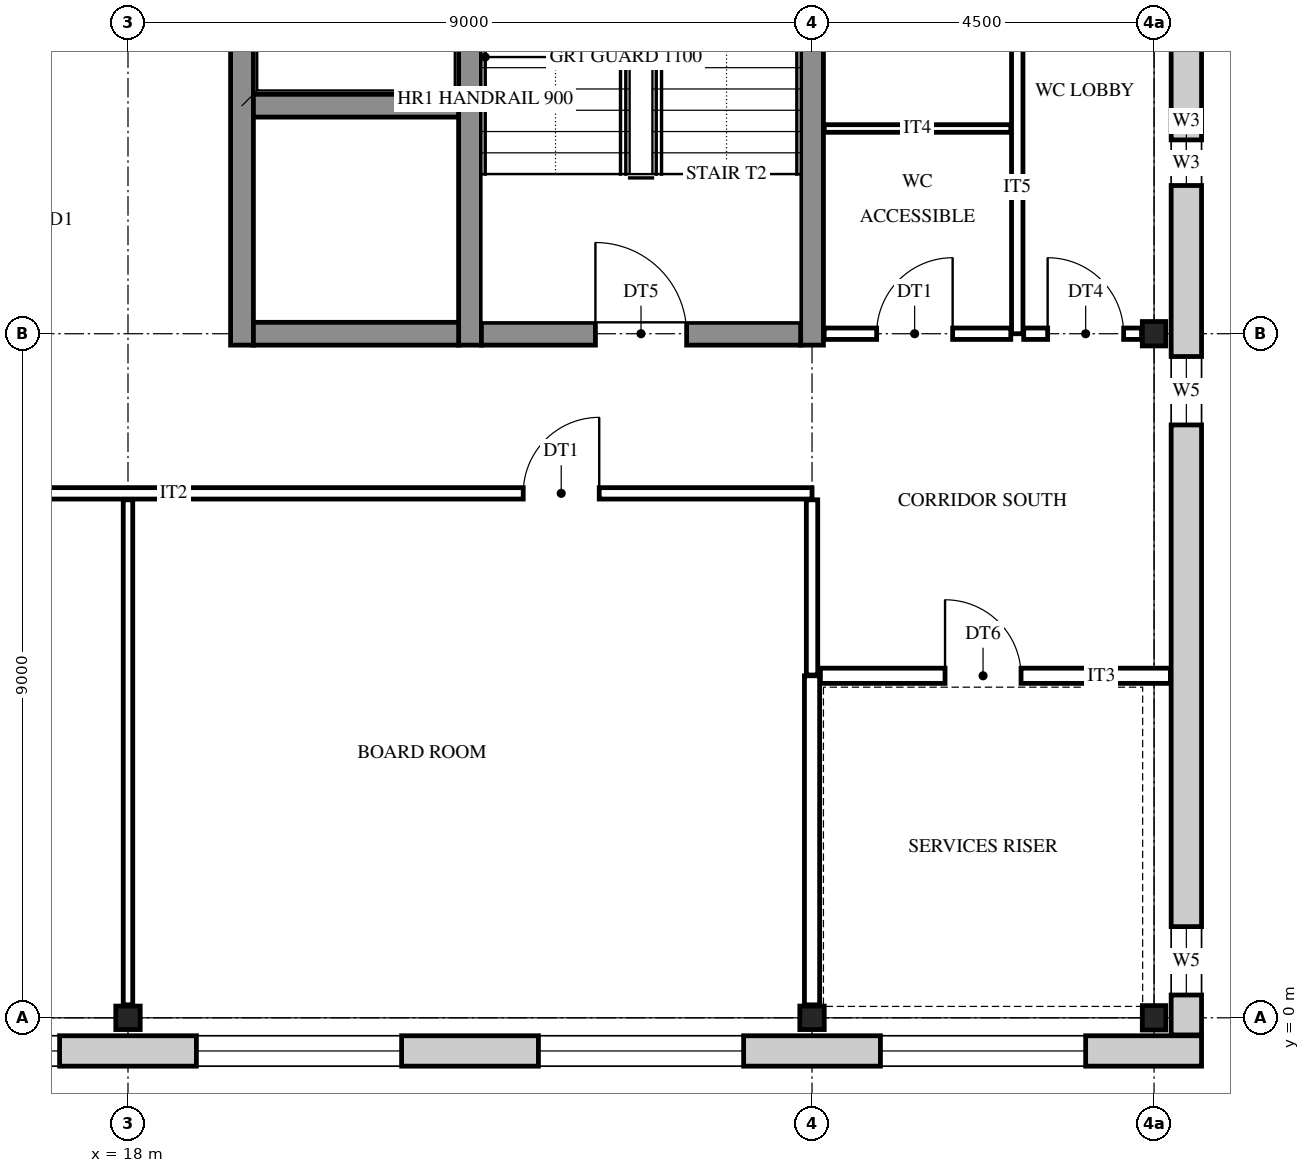
"""IFC4 building model, lengths in metres.
Left out: names, types, materials, properties, quantities, classifications, styles, units other than length and angle.
Written with IfcOpenShell. Run it as: python <this file> out.ifc"""

import sys

from ifc_helpers import new_model, si_unit, direction, frame, frame_2d, origin, origin_2d, place, context, subcontext, project, spatial, rectangle, i_section, extrude, element, fill, save


model = new_model("IFC4")
c1 = context("Model", 3, precision=1e-05, world=origin(), true_north=direction((0.0, 1.0)))
c2 = subcontext(c1, "Body", "Model", "MODEL_VIEW")
j1 = project(units=[si_unit("LENGTHUNIT", "METRE"), si_unit("PLANEANGLEUNIT", "RADIAN")], contexts=[c1])
p1 = place(None, origin())
s1 = spatial("IfcSite", under=j1, at=p1, CompositionType="ELEMENT")
p2 = place(p1, origin())
s2 = spatial("IfcBuilding", under=s1, at=p2, CompositionType="ELEMENT")
p3 = place(p2, frame((0.0, 0.0, 57.0)))
s3 = spatial("IfcBuildingStorey", under=s2, at=p3, CompositionType="ELEMENT", Elevation=57.0)
for number, where, z_axis, x_axis in (
    (1, (18.0, 0.0, 0.0), (0.0, 0.0, 1.0), (0.0, 1.0, 0.0)),
    (2, (27.0, 0.0, 0.0), (0.0, 0.0, 1.0), (0.0, 1.0, 0.0)),
    (3, (31.5, 0.0, 0.0), (0.0, 0.0, 1.0), (1.0, 0.0, 0.0)),
    (4, (31.5, 9.0, 0.0), (0.0, 0.0, 1.0), (1.0, 0.0, 0.0)),
):
    element("IfcColumn", number, at=place(p3, frame(where, z_axis=z_axis, x_axis=x_axis)), inside=s3, PredefinedType="COLUMN", context=c2, shape_type="SweptSolid", body=[
        extrude(i_section(OverallWidth=0.309, OverallDepth=0.321, WebThickness=0.014, FlangeThickness=0.022, FilletRadius=0.017, at=origin_2d()), origin(), (0.0, 0.0, 1.0), 4.2),
    ])
p4 = place(p3, frame((19.5, 8.85, 0.0), z_axis=(0.0, 0.0, 1.0), x_axis=(0.0, 1.0, 0.0)))
e5 = element("IfcWall", 5, at=p4, inside=s3, PredefinedType="SHEAR", context=c2, shape_type="SweptSolid", body=[
    extrude(rectangle(XDim=9.3, YDim=0.3, at=frame_2d((4.65, 0.0))), origin(), (0.0, 0.0, 1.0), 4.2),
])
p5 = place(p4, frame((3.95, 0.0, 0.0)))
e6 = element("IfcOpeningElement", 6, at=p5, cuts=e5, PredefinedType="OPENING", context=c2, shape_type="SweptSolid", body=[
    extrude(rectangle(XDim=1.4, YDim=2.1, at=frame_2d((0.7, 1.05))), frame((0.0, 0.16, 0.0), z_axis=(0.0, -1.0, 0.0), x_axis=(1.0, 0.0, 0.0)), (0.0, 0.0, 1.0), 0.32),
])
p6 = place(p4, frame((7.1, 0.0, 0.0)))
e7 = element("IfcOpeningElement", 7, at=p6, cuts=e5, PredefinedType="OPENING", context=c2, shape_type="SweptSolid", body=[
    extrude(rectangle(XDim=1.1, YDim=2.1, at=frame_2d((0.55, 1.05))), frame((0.0, 0.16, 0.0), z_axis=(0.0, -1.0, 0.0), x_axis=(1.0, 0.0, 0.0)), (0.0, 0.0, 1.0), 0.32),
])
for number, where, z_axis, x_axis in (
    (8, (22.5, 8.85, 0.0), (0.0, 0.0, 1.0), (0.0, 1.0, 0.0)),
    (9, (27.0, 8.85, 0.0), (0.0, 0.0, 1.0), (0.0, 1.0, 0.0)),
):
    element("IfcWall", number, at=place(p3, frame(where, z_axis=z_axis, x_axis=x_axis)), inside=s3, PredefinedType="SHEAR", context=c2, shape_type="SweptSolid", body=[
        extrude(rectangle(XDim=9.3, YDim=0.3, at=frame_2d((4.65, 0.0))), origin(), (0.0, 0.0, 1.0), 4.2),
    ])
p7 = place(p3, frame((19.65, 9.0, 0.0), z_axis=(0.0, 0.0, 1.0), x_axis=(1.0, 0.0, 0.0)))
e10 = element("IfcWall", 10, at=p7, inside=s3, PredefinedType="SHEAR", context=c2, shape_type="SweptSolid", body=[
    extrude(rectangle(XDim=2.7, YDim=0.3, at=frame_2d((1.35, 0.0))), origin(), (0.0, 0.0, 1.0), 4.2),
])
p8 = place(p3, frame((22.65, 9.0, 0.0), z_axis=(0.0, 0.0, 1.0), x_axis=(1.0, 0.0, 0.0)))
e11 = element("IfcWall", 11, at=p8, inside=s3, PredefinedType="SHEAR", context=c2, shape_type="SweptSolid", body=[
    extrude(rectangle(XDim=4.2, YDim=0.3, at=frame_2d((2.1, 0.0))), origin(), (0.0, 0.0, 1.0), 4.2),
])
p9 = place(p8, frame((1.5, 0.0, 0.0)))
e12 = element("IfcOpeningElement", 12, at=p9, cuts=e11, PredefinedType="OPENING", context=c2, shape_type="SweptSolid", body=[
    extrude(rectangle(XDim=1.2, YDim=2.1, at=frame_2d((0.6, 1.05))), frame((0.0, 0.16, 0.0), z_axis=(0.0, -1.0, 0.0), x_axis=(1.0, 0.0, 0.0)), (0.0, 0.0, 1.0), 0.32),
])
p10 = place(p3, frame((19.65, 12.0, 0.0), z_axis=(0.0, 0.0, 1.0), x_axis=(1.0, 0.0, 0.0)))
e13 = element("IfcWall", 13, at=p10, inside=s3, PredefinedType="SHEAR", context=c2, shape_type="SweptSolid", body=[
    extrude(rectangle(XDim=2.7, YDim=0.3, at=frame_2d((1.35, 0.0))), origin(), (0.0, 0.0, 1.0), 4.2),
])
p11 = place(p3, frame((32.125, -0.436, 0.0), z_axis=(0.0, 0.0, 1.0), x_axis=(-1.0, 0.0, 0.0)))
e14 = element("IfcWall", 14, at=p11, inside=s3, PredefinedType="STANDARD", context=c2, shape_type="SweptSolid", body=[
    extrude(rectangle(XDim=32.75, YDim=0.4, at=frame_2d((16.375, 0.0))), origin(), (0.0, 0.0, 1.0), 4.2),
])
p12 = place(p11, frame((28.525, 0.0, 0.9)))
e15 = element("IfcOpeningElement", 15, at=p12, cuts=e14, PredefinedType="OPENING", context=c2, shape_type="SweptSolid", body=[
    extrude(rectangle(XDim=2.7, YDim=2.5, at=frame_2d((1.35, 1.25))), frame((0.0, 0.21, 0.0), z_axis=(0.0, -1.0, 0.0), x_axis=(1.0, 0.0, 0.0)), (0.0, 0.0, 1.0), 0.42),
])
p13 = place(p11, frame((24.025, 0.0, 0.9)))
e16 = element("IfcOpeningElement", 16, at=p13, cuts=e14, PredefinedType="OPENING", context=c2, shape_type="SweptSolid", body=[
    extrude(rectangle(XDim=2.7, YDim=2.5, at=frame_2d((1.35, 1.25))), frame((0.0, 0.21, 0.0), z_axis=(0.0, -1.0, 0.0), x_axis=(1.0, 0.0, 0.0)), (0.0, 0.0, 1.0), 0.42),
])
p14 = place(p11, frame((19.525, 0.0, 0.9)))
e17 = element("IfcOpeningElement", 17, at=p14, cuts=e14, PredefinedType="OPENING", context=c2, shape_type="SweptSolid", body=[
    extrude(rectangle(XDim=2.7, YDim=2.5, at=frame_2d((1.35, 1.25))), frame((0.0, 0.21, 0.0), z_axis=(0.0, -1.0, 0.0), x_axis=(1.0, 0.0, 0.0)), (0.0, 0.0, 1.0), 0.42),
])
p15 = place(p11, frame((15.025, 0.0, 0.9)))
e18 = element("IfcOpeningElement", 18, at=p15, cuts=e14, PredefinedType="OPENING", context=c2, shape_type="SweptSolid", body=[
    extrude(rectangle(XDim=2.7, YDim=2.5, at=frame_2d((1.35, 1.25))), frame((0.0, 0.21, 0.0), z_axis=(0.0, -1.0, 0.0), x_axis=(1.0, 0.0, 0.0)), (0.0, 0.0, 1.0), 0.42),
])
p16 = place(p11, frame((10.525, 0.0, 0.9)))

━━━━━━━━

**EXERCISE REQUIREMENTS**
Scan the data above and copy each line containing the word "number".

**FINISHED EXERCISE**
for number, where, z_axis, x_axis in (
    element("IfcColumn", number, at=place(p3, frame(where, z_axis=z_axis, x_axis=x_axis)), inside=s3, PredefinedType="COLUMN", context=c2, shape_type="SweptSolid", body=[
for number, where, z_axis, x_axis in (
    element("IfcWall", number, at=place(p3, frame(where, z_axis=z_axis, x_axis=x_axis)), inside=s3, PredefinedType="SHEAR", context=c2, shape_type="SweptSolid", body=[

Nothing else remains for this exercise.